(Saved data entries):
[Start of section]
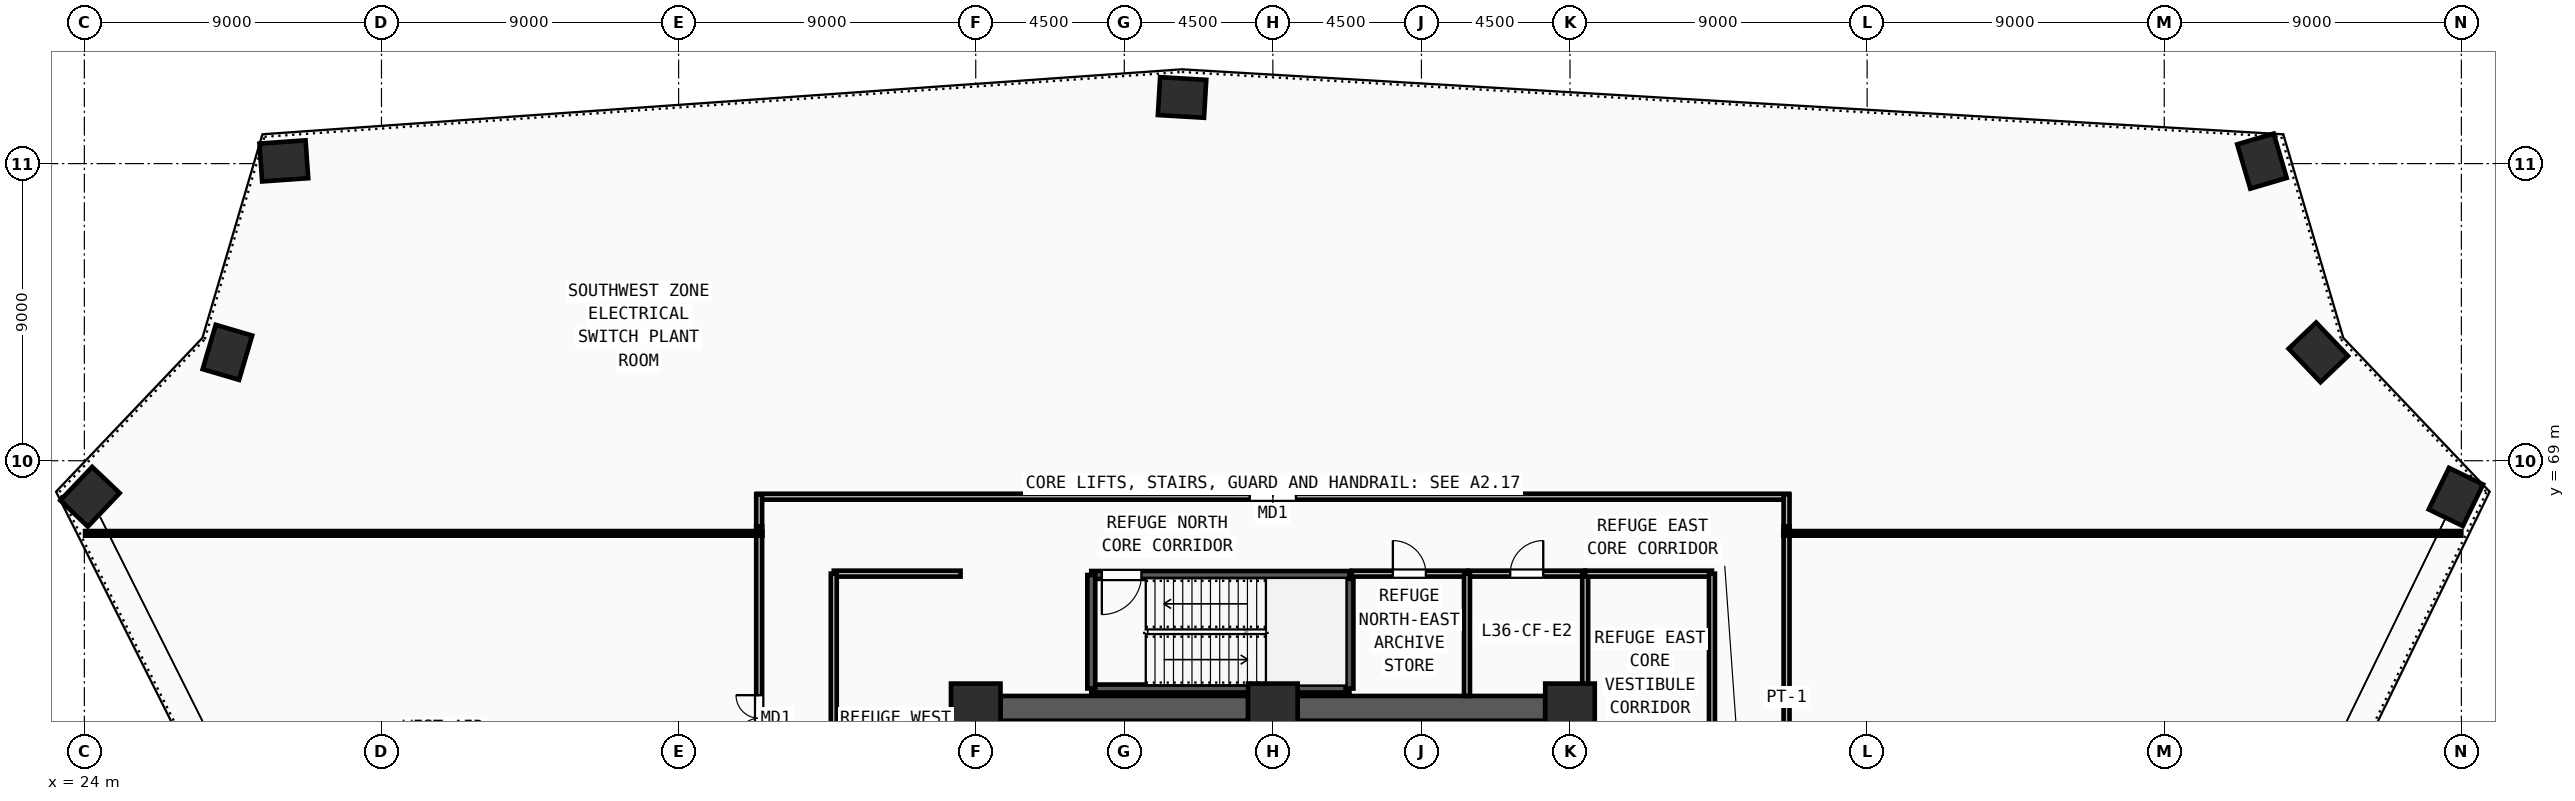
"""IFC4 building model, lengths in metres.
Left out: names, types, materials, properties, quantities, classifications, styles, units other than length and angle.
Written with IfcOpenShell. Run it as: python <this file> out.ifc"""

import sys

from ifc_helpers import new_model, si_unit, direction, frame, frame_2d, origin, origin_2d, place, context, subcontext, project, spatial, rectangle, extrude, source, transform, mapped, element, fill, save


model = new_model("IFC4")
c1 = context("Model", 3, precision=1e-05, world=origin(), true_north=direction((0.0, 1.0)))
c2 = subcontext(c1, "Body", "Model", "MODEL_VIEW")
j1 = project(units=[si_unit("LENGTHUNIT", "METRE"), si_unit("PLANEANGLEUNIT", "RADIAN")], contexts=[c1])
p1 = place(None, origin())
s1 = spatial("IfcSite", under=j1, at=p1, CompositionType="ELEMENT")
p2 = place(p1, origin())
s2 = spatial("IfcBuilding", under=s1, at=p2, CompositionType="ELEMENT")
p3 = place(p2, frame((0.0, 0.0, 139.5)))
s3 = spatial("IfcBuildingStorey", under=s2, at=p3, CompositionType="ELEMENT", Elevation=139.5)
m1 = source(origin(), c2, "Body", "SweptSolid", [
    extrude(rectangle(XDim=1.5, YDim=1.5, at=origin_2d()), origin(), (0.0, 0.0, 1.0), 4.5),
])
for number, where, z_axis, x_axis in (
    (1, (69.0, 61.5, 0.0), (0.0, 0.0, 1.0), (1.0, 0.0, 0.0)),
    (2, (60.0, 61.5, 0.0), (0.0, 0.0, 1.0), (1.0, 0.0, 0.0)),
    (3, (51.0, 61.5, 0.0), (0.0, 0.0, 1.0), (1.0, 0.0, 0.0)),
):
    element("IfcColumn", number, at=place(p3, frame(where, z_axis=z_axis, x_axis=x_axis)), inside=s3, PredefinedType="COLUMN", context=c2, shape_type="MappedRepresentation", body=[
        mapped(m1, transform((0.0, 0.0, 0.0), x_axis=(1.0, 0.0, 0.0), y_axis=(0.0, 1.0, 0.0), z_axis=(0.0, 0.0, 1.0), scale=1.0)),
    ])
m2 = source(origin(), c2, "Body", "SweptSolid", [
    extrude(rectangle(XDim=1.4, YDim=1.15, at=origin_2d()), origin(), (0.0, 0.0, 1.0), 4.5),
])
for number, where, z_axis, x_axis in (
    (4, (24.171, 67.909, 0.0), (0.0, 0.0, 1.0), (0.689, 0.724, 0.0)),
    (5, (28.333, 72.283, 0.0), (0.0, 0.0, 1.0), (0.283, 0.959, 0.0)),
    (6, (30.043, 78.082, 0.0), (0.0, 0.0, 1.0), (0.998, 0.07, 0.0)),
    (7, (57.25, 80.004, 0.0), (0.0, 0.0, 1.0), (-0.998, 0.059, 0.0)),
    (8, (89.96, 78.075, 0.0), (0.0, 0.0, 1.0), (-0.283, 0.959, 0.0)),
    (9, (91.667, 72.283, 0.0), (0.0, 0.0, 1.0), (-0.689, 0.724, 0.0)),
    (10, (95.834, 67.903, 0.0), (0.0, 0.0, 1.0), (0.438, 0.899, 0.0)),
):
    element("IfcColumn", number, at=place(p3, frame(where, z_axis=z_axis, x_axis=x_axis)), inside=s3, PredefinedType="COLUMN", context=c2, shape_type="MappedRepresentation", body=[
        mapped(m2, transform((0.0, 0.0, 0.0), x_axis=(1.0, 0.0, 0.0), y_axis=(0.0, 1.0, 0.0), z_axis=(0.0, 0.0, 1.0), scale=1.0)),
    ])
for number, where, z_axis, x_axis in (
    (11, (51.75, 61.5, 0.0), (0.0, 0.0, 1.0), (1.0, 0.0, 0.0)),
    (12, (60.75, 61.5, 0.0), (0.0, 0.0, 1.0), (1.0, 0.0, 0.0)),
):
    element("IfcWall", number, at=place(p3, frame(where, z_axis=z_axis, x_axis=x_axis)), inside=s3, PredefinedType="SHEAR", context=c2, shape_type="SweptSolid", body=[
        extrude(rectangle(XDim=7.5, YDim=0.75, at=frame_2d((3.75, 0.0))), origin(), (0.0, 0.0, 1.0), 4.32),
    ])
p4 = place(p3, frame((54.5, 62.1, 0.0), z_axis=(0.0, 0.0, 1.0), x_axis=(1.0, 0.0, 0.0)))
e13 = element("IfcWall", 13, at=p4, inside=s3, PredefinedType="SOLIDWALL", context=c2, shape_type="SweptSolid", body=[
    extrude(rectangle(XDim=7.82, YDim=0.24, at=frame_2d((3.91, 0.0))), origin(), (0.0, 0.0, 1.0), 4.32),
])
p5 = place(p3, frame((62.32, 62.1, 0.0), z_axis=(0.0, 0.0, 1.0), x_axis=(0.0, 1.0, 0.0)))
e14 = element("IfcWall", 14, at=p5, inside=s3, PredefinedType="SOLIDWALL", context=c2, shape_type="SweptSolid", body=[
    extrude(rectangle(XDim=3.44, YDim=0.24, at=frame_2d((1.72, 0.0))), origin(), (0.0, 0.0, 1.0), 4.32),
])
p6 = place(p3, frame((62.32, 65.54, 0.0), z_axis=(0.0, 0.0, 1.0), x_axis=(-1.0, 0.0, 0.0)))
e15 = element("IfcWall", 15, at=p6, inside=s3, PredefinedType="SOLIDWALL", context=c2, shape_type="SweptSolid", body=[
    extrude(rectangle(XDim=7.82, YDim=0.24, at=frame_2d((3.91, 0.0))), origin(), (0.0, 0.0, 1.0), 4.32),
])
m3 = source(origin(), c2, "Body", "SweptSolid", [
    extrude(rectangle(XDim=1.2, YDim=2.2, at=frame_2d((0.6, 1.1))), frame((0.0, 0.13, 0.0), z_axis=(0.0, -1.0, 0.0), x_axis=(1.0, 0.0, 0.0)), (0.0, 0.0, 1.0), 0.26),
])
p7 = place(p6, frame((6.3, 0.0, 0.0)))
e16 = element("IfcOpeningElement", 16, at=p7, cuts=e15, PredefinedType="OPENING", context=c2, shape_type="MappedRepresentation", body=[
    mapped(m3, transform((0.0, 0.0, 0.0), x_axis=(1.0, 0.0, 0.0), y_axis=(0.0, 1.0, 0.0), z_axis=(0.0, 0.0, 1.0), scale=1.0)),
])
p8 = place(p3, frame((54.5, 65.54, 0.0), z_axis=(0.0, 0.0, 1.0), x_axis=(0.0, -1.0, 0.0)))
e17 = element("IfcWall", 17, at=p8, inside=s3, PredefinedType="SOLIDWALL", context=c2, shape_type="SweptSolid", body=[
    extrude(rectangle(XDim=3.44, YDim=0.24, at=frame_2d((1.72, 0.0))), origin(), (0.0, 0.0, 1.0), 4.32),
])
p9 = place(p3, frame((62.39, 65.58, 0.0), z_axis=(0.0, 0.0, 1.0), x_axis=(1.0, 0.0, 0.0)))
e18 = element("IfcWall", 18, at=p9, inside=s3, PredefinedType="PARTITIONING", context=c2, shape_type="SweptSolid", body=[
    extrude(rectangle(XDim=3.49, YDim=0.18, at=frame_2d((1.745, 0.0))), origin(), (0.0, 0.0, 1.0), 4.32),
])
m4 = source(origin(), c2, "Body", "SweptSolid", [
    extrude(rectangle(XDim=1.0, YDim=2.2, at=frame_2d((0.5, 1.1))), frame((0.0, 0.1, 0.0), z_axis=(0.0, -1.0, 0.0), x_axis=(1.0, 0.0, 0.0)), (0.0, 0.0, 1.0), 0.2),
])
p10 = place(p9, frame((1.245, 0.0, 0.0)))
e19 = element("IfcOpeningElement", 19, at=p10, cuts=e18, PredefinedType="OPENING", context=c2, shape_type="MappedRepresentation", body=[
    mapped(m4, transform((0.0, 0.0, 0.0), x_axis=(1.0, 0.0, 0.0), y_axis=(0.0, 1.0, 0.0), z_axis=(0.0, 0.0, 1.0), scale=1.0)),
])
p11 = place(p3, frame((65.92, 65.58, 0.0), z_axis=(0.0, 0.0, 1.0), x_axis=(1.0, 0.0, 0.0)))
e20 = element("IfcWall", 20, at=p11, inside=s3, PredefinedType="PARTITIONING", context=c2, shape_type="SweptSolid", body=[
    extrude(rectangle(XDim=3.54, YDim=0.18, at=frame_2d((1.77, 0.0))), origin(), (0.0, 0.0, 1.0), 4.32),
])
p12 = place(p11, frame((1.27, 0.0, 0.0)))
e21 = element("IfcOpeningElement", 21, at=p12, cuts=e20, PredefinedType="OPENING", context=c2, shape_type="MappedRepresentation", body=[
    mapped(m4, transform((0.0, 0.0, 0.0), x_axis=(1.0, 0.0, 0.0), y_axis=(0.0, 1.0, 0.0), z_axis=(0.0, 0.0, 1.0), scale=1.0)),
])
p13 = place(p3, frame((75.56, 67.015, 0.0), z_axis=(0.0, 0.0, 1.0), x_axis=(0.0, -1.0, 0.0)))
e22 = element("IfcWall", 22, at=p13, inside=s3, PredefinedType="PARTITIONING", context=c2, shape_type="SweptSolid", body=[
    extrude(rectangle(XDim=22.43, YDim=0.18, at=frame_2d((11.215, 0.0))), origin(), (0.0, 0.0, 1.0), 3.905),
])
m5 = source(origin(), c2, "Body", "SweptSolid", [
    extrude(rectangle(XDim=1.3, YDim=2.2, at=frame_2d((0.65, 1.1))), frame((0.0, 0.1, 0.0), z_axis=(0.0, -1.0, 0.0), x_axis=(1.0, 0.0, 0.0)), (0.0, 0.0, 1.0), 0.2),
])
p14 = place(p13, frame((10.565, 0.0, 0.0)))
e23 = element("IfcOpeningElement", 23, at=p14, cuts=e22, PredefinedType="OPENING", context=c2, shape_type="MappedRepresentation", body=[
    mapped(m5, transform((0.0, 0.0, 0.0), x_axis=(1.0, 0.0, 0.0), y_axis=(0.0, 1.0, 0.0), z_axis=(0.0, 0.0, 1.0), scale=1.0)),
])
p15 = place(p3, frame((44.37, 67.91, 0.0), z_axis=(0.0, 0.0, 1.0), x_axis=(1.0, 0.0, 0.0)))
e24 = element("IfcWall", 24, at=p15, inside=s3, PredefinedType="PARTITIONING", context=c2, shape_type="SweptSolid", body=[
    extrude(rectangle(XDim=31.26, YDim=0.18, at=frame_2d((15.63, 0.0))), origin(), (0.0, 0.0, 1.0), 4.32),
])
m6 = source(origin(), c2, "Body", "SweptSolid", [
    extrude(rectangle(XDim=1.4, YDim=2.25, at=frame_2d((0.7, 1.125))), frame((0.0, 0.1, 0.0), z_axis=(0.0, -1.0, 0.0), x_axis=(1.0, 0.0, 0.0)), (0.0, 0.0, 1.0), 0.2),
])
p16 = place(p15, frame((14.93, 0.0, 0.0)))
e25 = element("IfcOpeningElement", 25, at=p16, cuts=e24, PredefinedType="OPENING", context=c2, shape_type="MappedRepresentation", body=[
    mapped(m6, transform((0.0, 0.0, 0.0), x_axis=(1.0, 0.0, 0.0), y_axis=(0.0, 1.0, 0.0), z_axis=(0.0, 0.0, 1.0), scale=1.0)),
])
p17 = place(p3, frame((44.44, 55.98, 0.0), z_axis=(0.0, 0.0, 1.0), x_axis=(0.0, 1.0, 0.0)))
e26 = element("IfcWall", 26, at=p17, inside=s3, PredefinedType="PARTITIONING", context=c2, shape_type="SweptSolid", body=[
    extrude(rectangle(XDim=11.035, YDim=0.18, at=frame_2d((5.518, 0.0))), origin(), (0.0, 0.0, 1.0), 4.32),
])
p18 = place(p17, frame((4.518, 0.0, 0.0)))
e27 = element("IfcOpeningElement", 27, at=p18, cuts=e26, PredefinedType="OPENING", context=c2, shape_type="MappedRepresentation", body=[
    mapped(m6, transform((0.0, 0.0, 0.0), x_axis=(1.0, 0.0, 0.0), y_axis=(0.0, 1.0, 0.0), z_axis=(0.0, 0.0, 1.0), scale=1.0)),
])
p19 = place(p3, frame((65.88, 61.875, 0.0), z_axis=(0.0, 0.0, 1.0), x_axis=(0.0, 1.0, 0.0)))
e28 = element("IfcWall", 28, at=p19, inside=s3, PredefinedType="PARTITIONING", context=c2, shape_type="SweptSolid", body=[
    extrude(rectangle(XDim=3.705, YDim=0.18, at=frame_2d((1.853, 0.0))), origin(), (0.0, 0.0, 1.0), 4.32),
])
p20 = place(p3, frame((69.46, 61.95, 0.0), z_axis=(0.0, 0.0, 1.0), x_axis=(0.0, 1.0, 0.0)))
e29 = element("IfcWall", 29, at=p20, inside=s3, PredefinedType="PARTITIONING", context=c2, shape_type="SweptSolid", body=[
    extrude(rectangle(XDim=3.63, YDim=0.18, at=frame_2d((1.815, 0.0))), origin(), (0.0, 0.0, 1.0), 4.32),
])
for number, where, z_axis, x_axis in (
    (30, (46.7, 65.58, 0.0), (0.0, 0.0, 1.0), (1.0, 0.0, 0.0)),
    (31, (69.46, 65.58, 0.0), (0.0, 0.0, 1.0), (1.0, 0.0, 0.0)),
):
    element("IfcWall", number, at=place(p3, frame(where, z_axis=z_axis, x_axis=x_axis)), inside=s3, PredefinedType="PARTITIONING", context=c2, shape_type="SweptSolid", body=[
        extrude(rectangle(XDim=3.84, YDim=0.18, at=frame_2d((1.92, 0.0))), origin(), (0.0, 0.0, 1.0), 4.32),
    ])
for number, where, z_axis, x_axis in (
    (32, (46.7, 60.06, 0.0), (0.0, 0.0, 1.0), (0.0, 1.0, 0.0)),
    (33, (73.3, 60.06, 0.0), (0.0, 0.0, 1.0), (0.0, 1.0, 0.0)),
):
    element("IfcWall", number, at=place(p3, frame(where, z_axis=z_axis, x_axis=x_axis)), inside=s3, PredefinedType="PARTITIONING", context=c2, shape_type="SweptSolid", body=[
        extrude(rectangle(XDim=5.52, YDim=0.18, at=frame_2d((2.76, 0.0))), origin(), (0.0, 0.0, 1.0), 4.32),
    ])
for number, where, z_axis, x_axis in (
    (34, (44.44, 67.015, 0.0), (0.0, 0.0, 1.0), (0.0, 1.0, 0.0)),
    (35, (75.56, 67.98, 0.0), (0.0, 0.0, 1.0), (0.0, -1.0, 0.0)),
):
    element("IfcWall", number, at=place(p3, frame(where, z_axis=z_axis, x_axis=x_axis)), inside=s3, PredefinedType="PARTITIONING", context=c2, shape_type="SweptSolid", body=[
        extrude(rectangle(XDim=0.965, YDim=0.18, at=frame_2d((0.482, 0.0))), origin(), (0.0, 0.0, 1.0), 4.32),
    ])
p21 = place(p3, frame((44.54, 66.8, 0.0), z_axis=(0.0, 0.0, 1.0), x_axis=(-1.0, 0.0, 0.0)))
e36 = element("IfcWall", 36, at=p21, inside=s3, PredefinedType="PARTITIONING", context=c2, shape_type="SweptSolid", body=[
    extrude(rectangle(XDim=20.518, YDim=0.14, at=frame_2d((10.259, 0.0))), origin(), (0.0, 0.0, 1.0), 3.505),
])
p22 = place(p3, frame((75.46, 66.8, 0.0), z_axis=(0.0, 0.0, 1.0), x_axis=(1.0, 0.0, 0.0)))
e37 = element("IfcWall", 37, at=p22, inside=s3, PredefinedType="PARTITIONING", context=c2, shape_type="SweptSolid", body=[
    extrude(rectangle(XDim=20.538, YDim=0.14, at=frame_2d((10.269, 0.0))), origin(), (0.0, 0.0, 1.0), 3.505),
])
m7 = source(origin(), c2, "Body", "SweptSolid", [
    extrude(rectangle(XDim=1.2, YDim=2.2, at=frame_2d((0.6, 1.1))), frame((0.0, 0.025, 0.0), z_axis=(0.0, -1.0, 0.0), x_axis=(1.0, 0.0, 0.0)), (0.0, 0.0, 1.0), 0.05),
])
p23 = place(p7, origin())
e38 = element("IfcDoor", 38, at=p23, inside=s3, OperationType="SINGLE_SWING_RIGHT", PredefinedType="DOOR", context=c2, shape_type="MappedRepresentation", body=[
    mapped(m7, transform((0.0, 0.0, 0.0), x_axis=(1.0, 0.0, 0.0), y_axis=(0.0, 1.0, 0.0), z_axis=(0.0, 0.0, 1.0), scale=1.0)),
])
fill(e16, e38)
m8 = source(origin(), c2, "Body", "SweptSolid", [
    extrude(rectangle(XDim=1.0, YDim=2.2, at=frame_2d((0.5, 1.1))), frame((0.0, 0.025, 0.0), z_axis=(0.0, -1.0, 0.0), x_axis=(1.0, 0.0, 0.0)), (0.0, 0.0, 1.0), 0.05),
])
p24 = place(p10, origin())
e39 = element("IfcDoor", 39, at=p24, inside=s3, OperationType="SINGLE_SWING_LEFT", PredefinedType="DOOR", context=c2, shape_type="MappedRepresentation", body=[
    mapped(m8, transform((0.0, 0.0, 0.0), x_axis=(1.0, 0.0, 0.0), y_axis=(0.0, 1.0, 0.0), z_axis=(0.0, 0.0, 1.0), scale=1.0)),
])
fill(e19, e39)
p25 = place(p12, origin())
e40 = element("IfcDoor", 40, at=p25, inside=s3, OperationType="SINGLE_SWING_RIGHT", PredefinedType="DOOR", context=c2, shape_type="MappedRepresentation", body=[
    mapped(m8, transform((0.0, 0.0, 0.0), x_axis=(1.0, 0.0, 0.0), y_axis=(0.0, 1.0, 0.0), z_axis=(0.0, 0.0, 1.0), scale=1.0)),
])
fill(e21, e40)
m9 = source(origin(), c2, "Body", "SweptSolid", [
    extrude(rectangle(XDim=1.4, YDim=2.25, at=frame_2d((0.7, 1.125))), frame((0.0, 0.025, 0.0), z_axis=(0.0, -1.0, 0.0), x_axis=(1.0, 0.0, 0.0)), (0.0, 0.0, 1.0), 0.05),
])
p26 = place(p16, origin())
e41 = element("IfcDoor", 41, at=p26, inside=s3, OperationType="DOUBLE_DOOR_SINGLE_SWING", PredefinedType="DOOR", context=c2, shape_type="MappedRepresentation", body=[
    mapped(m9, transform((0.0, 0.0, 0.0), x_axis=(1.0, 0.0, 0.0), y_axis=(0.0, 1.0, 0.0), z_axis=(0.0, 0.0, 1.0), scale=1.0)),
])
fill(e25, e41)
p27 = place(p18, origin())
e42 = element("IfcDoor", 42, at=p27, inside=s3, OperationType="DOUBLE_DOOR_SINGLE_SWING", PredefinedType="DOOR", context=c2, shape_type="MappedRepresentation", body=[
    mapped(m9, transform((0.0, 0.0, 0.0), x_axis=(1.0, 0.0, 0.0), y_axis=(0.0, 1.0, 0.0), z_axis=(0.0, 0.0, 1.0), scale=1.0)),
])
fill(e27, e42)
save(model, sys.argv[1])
[End of section]
(Description of the task): The expected output is every line of the records in which the string "under" appears.

(Answer section):
s1 = spatial("IfcSite", under=j1, at=p1, CompositionType="ELEMENT")
s2 = spatial("IfcBuilding", under=s1, at=p2, CompositionType="ELEMENT")
s3 = spatial("IfcBuildingStorey", under=s2, at=p3, CompositionType="ELEMENT", Elevation=139.5)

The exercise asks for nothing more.